[Data records — start]

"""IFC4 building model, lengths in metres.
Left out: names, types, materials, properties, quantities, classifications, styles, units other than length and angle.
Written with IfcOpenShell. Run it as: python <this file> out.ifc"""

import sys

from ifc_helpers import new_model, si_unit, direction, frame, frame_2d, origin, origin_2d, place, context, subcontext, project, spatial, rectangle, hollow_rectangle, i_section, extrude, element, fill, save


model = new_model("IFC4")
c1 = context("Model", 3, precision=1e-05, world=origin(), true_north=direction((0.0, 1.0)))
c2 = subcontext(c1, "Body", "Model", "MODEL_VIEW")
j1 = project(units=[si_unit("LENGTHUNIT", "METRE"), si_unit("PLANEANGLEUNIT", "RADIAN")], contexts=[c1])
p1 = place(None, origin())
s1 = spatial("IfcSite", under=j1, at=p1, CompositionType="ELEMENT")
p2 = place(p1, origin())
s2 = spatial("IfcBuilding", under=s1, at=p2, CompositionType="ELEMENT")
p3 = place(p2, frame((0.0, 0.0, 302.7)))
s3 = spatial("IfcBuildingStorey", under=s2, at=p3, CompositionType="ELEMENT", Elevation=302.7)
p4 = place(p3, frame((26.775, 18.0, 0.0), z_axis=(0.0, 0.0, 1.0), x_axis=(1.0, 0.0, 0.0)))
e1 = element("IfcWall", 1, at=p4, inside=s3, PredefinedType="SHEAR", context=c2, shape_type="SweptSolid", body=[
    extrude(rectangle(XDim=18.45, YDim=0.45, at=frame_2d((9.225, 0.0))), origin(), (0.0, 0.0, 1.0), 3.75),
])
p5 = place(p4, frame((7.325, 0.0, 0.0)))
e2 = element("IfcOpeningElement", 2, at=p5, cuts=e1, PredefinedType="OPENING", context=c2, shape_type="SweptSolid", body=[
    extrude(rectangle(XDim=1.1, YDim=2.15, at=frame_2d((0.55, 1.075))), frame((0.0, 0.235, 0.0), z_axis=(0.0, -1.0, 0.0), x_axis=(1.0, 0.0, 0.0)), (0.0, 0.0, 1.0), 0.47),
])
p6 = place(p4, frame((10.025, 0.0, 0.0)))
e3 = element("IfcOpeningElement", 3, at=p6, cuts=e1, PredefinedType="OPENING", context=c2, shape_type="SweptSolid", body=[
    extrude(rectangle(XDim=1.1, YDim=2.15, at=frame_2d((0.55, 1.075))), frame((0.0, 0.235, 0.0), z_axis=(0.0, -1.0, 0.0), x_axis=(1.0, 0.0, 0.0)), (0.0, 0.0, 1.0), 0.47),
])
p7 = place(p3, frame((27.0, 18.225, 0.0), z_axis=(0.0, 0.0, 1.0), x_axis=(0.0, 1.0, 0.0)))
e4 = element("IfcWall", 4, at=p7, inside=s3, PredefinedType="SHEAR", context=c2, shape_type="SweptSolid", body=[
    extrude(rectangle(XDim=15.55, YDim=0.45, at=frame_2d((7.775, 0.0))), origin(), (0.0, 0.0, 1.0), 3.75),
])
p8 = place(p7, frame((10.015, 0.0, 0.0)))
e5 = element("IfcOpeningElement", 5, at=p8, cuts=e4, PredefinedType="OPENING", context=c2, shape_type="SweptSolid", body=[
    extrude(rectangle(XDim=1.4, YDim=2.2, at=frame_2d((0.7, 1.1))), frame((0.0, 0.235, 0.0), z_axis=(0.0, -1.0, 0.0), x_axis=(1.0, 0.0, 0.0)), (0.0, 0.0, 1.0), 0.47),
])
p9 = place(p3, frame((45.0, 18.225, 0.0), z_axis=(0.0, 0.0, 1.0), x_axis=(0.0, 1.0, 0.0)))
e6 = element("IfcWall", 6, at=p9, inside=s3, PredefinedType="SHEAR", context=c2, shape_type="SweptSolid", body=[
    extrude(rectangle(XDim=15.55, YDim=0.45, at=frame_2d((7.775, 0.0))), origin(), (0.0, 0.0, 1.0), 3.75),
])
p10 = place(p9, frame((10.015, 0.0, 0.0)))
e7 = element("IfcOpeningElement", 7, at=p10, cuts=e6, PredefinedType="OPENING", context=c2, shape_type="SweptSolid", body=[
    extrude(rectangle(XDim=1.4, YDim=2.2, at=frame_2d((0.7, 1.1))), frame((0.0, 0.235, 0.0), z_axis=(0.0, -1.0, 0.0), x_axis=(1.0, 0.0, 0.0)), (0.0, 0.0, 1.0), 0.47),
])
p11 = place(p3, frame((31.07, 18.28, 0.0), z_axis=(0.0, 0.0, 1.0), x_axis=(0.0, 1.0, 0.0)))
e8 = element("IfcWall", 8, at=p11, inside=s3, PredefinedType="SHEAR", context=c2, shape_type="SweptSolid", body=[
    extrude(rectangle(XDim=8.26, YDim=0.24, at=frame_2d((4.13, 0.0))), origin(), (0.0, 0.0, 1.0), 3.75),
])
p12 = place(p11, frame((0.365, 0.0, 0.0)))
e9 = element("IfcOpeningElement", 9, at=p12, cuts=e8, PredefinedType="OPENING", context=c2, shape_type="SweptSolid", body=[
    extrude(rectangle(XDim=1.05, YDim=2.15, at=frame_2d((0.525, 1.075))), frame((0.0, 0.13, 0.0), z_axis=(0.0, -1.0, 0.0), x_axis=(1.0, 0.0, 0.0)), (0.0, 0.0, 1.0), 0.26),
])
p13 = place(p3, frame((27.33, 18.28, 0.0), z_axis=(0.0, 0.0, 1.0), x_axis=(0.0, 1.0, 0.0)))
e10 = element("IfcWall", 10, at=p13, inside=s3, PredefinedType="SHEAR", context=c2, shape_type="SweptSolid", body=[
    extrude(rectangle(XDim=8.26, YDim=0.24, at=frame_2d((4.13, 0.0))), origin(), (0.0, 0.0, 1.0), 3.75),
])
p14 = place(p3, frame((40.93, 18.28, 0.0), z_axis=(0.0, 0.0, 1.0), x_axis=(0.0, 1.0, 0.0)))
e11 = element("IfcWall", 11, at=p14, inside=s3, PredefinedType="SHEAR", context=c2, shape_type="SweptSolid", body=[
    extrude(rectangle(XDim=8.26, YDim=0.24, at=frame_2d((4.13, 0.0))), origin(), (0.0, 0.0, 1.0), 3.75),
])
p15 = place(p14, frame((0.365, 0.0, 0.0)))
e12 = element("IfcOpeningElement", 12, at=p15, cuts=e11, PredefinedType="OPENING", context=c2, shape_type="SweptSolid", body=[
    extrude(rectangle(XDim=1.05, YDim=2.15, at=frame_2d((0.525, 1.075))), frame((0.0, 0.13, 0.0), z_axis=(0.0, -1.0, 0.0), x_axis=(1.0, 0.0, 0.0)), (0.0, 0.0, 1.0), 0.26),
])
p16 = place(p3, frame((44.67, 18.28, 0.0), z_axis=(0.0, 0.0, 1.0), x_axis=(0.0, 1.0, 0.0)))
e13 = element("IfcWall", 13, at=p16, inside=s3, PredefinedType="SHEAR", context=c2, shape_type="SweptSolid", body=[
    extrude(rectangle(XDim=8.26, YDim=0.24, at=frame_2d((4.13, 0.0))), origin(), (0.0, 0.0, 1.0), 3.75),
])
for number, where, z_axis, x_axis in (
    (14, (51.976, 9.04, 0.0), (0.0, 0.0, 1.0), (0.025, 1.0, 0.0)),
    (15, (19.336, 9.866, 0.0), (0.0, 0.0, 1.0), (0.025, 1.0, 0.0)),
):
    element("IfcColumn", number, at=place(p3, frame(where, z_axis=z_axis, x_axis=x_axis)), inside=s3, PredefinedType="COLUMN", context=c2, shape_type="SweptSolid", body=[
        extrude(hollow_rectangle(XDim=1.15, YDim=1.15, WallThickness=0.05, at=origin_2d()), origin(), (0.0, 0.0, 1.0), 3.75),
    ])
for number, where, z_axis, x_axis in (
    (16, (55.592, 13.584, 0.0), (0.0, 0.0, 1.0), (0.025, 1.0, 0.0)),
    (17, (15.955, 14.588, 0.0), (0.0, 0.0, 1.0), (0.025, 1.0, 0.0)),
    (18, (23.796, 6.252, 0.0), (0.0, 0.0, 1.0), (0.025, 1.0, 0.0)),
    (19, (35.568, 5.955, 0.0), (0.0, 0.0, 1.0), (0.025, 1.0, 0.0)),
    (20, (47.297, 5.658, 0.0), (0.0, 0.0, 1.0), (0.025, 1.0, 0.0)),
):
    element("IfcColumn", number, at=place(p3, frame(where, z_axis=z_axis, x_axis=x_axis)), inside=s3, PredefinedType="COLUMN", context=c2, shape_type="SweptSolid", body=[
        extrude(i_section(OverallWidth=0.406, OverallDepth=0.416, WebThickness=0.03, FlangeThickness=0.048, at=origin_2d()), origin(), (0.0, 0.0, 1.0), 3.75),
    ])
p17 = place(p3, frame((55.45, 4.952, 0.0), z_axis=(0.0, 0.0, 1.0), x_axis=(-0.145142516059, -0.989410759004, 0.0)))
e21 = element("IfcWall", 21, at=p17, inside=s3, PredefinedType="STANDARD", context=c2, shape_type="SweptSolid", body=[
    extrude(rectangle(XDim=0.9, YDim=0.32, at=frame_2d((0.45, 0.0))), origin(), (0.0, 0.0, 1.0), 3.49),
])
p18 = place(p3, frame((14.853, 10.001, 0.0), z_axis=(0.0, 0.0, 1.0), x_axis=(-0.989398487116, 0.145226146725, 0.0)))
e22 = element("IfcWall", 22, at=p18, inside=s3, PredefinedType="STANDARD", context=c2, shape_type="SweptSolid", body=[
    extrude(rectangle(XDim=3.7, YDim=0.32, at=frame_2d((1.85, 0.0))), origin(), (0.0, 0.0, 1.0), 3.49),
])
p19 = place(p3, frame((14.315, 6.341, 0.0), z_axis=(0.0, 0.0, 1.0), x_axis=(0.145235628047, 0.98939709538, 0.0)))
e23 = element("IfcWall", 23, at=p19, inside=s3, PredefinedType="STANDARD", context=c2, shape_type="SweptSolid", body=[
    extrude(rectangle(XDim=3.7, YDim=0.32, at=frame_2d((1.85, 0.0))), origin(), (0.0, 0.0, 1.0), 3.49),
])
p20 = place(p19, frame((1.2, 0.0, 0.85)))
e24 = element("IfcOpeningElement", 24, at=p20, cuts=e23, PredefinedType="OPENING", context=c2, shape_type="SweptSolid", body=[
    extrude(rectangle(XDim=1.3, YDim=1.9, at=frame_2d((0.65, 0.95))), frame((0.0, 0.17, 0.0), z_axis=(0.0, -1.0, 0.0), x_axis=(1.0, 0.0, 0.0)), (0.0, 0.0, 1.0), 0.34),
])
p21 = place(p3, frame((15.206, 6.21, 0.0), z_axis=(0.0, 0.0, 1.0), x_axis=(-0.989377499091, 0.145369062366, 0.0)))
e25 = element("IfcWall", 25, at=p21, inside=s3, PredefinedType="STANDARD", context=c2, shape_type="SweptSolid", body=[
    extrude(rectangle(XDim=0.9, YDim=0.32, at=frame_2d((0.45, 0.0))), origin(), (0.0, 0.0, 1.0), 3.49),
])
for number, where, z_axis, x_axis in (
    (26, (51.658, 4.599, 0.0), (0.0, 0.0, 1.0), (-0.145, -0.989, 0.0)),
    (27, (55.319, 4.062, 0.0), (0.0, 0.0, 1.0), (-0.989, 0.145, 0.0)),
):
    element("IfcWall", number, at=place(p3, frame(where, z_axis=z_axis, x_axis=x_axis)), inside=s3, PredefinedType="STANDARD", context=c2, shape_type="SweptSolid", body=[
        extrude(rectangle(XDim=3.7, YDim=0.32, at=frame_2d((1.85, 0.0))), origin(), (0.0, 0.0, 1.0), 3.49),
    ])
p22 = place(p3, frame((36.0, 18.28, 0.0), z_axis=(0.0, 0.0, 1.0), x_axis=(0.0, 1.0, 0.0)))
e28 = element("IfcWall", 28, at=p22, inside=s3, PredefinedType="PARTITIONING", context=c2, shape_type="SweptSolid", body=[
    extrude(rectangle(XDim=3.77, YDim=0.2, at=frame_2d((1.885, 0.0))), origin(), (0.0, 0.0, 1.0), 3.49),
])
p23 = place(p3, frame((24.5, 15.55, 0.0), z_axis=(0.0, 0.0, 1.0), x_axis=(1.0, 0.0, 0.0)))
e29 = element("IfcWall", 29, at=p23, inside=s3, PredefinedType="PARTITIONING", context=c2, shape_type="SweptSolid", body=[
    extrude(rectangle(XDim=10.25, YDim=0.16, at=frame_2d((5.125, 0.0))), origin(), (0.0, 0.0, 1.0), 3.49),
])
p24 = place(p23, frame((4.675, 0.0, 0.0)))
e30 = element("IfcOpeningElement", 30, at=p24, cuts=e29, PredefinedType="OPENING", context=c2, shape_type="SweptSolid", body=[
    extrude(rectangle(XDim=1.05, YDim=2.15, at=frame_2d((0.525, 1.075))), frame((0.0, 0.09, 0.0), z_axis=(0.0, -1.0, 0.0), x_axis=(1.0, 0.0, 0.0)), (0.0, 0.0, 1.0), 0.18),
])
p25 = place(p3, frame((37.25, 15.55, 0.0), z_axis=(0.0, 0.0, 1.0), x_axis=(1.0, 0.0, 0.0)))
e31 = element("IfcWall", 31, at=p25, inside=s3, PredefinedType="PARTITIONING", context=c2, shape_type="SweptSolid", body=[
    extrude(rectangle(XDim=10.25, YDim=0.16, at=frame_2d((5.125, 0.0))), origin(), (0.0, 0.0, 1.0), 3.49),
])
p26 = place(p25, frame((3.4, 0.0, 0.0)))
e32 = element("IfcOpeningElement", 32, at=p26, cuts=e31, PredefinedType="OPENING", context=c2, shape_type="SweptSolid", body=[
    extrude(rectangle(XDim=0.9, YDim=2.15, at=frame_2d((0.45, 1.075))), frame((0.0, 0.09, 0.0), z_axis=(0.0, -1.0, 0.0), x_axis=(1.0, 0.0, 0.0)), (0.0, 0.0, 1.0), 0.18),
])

[Data records — finish]

Directions:
The answer must be every line from the records above that contains "subcontext".

Response:
from ifc_helpers import new_model, si_unit, direction, frame, frame_2d, origin, origin_2d, place, context, subcontext, project, spatial, rectangle, hollow_rectangle, i_section, extrude, element, fill, save
c2 = subcontext(c1, "Body", "Model", "MODEL_VIEW")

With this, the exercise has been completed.